▸ AIM OF THE TASK
Which lines in the records below hold the word "SweptSolid"? Copy each of them.

▸ EXERCISE DATA
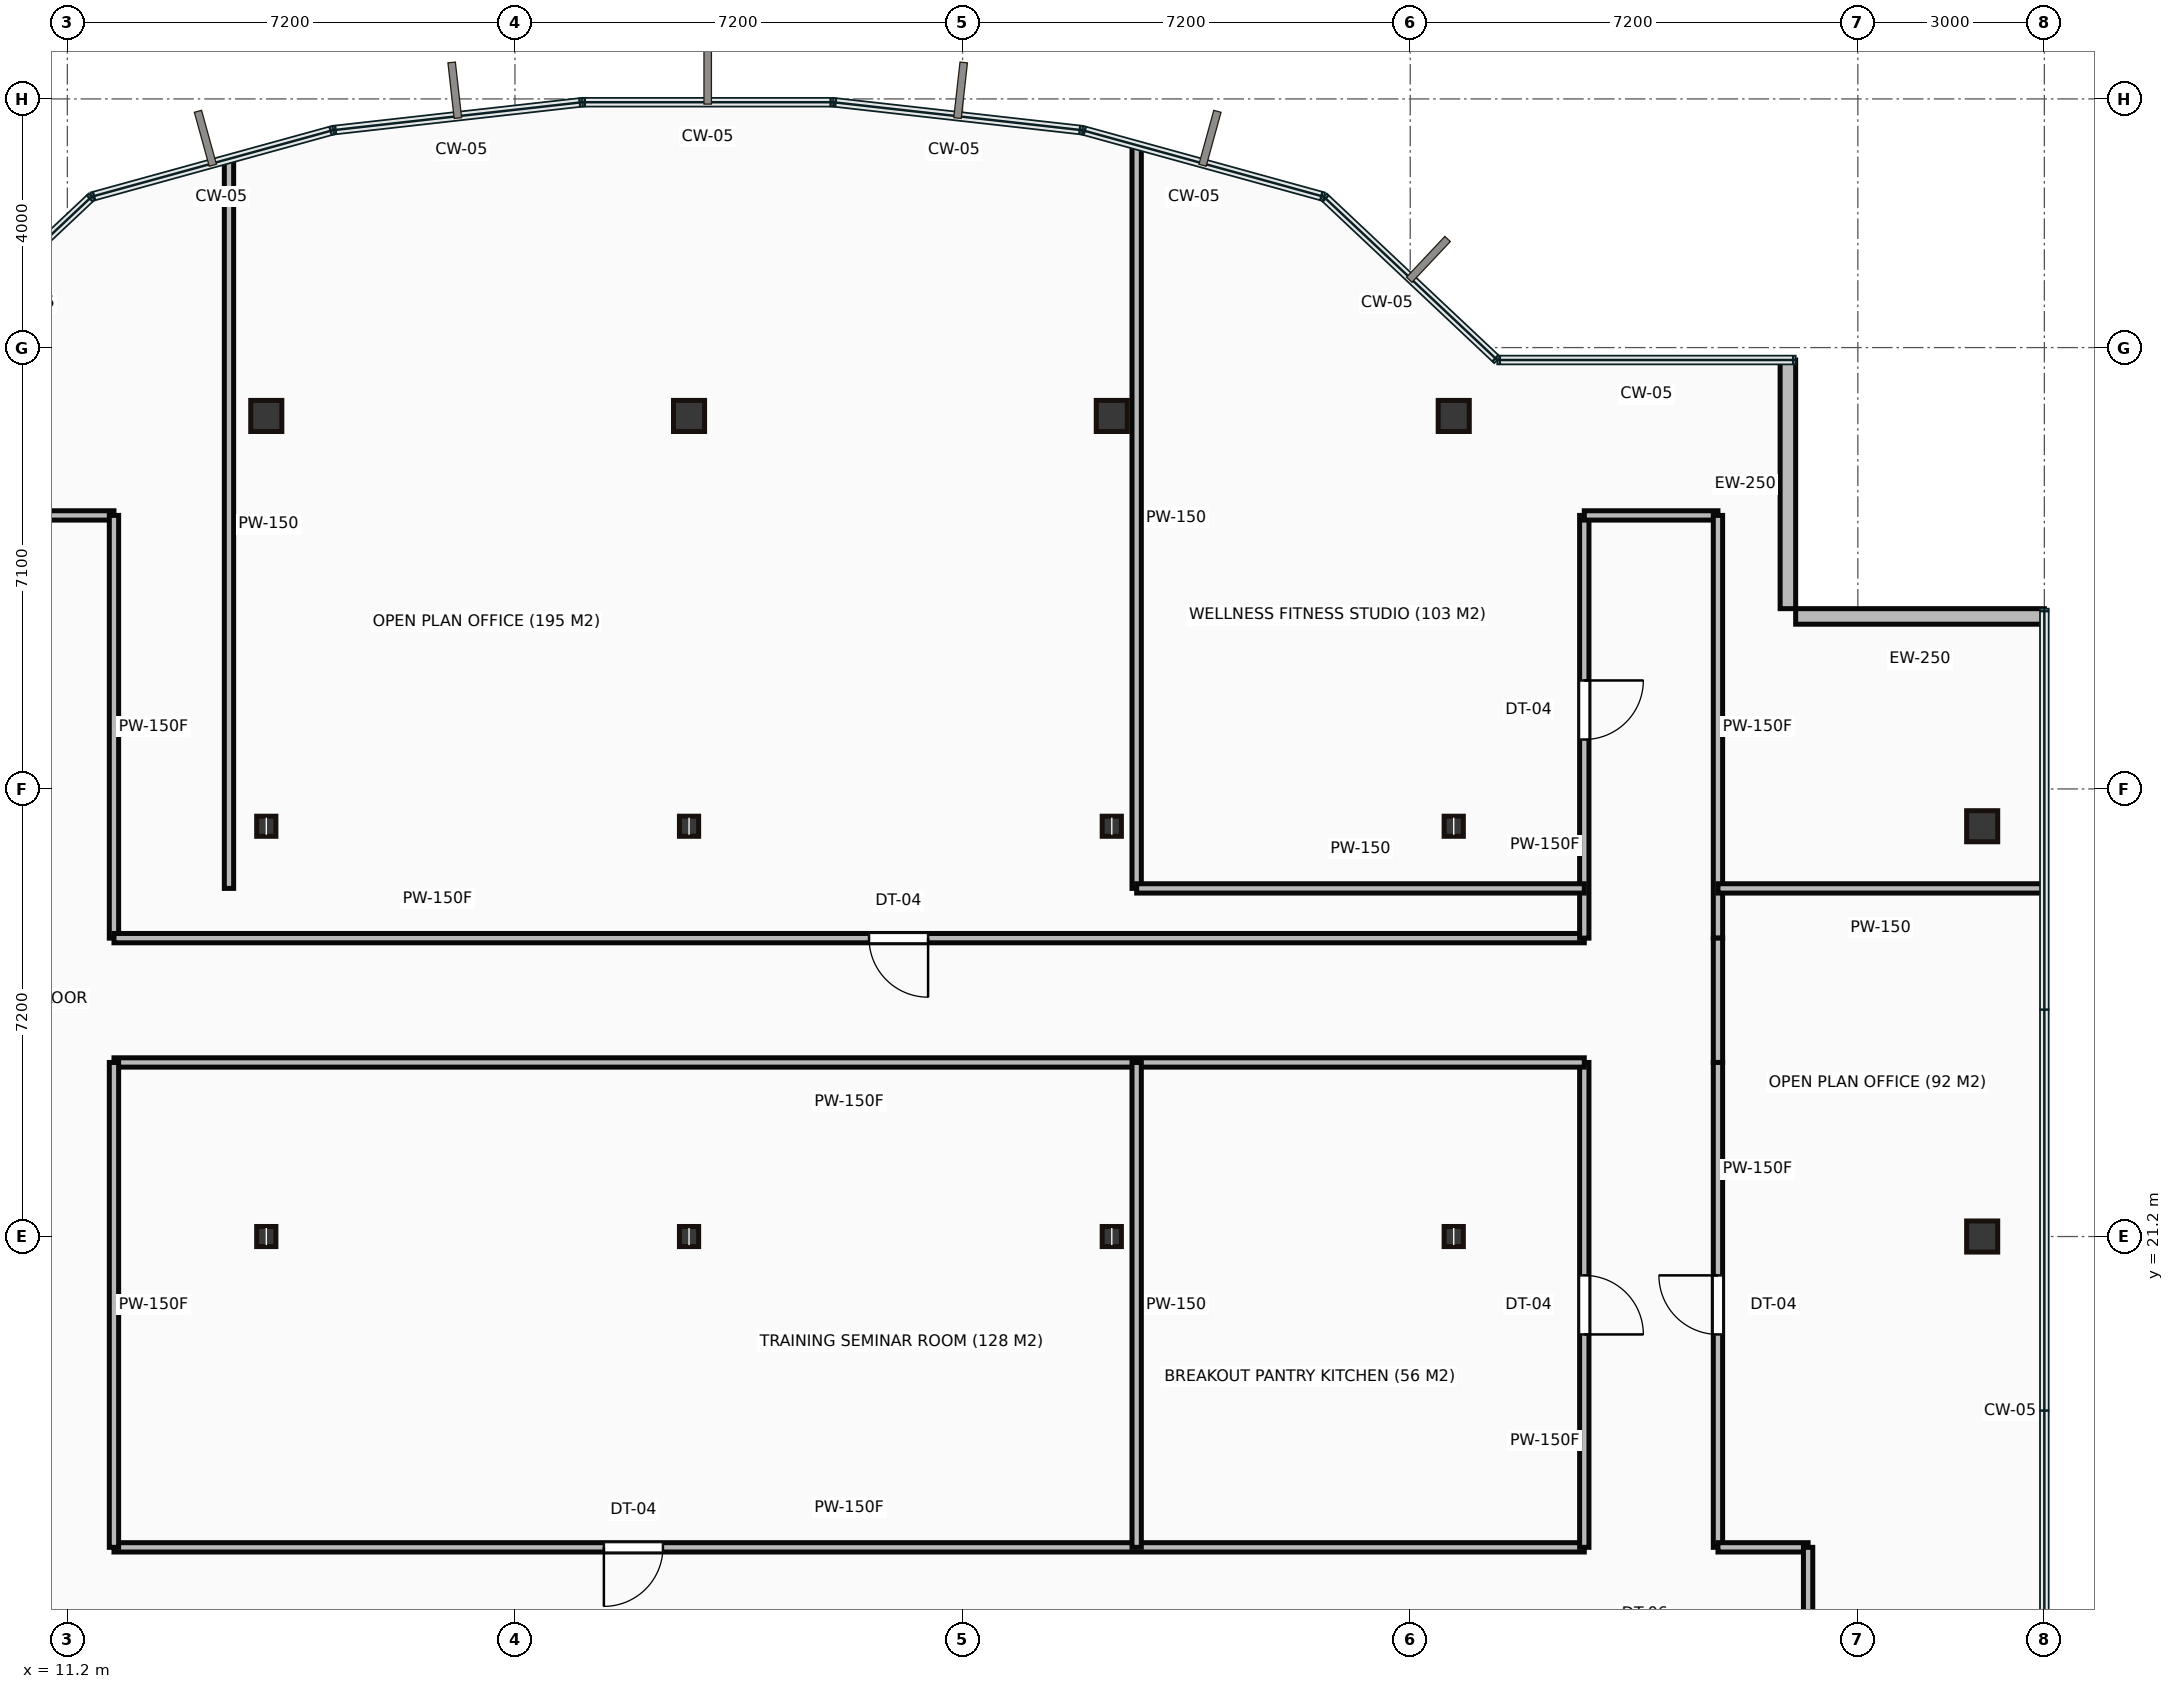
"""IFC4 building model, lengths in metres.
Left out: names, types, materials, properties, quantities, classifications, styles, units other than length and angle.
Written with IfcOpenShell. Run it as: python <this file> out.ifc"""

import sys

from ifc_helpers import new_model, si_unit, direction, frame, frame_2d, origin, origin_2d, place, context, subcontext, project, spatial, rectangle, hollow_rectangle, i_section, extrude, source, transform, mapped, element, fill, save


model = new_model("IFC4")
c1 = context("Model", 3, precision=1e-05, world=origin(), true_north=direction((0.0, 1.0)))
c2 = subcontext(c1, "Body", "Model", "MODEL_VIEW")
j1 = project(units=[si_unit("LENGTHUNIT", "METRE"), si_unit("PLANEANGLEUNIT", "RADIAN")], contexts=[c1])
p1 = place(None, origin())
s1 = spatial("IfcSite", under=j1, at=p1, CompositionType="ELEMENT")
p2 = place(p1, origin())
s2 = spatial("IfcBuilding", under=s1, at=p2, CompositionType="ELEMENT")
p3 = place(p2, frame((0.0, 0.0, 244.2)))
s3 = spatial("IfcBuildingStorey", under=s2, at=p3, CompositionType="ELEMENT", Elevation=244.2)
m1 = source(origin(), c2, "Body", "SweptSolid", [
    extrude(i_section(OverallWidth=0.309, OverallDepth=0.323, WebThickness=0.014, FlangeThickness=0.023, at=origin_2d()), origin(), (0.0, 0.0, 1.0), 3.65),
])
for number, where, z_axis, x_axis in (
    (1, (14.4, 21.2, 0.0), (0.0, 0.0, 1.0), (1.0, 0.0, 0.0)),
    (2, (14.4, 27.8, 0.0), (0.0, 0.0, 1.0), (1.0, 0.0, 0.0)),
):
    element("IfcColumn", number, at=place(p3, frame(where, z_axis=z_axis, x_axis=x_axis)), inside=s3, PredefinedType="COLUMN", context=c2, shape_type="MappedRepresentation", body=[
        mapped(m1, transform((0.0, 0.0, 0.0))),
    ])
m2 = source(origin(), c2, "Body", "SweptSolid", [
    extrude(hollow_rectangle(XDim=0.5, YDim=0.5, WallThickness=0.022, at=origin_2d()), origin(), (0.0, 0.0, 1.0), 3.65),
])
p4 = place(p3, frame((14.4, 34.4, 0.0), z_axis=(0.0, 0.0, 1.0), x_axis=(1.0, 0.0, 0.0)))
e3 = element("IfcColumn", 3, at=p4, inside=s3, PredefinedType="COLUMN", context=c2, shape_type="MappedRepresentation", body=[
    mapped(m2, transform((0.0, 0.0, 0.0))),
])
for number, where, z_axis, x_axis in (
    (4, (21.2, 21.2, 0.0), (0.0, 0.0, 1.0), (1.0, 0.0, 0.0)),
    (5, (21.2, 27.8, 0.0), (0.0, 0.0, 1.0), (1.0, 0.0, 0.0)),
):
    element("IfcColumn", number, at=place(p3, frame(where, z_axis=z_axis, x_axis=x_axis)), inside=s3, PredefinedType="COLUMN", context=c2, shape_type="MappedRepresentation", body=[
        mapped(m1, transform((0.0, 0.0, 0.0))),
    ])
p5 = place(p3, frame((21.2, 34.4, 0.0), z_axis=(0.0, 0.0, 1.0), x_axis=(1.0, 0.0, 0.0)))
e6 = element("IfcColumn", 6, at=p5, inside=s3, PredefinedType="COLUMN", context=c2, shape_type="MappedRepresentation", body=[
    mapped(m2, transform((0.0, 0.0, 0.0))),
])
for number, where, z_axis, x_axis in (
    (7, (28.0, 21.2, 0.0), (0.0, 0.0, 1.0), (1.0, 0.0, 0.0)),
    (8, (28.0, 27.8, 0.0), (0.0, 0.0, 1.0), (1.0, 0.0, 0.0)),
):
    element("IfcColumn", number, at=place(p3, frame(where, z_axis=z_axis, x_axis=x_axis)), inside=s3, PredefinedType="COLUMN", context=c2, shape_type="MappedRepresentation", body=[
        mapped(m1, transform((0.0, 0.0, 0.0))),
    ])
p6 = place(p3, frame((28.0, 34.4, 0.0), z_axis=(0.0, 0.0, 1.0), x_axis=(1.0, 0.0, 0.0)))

▸ EXPECTED ANSWER
m1 = source(origin(), c2, "Body", "SweptSolid", [
m2 = source(origin(), c2, "Body", "SweptSolid", [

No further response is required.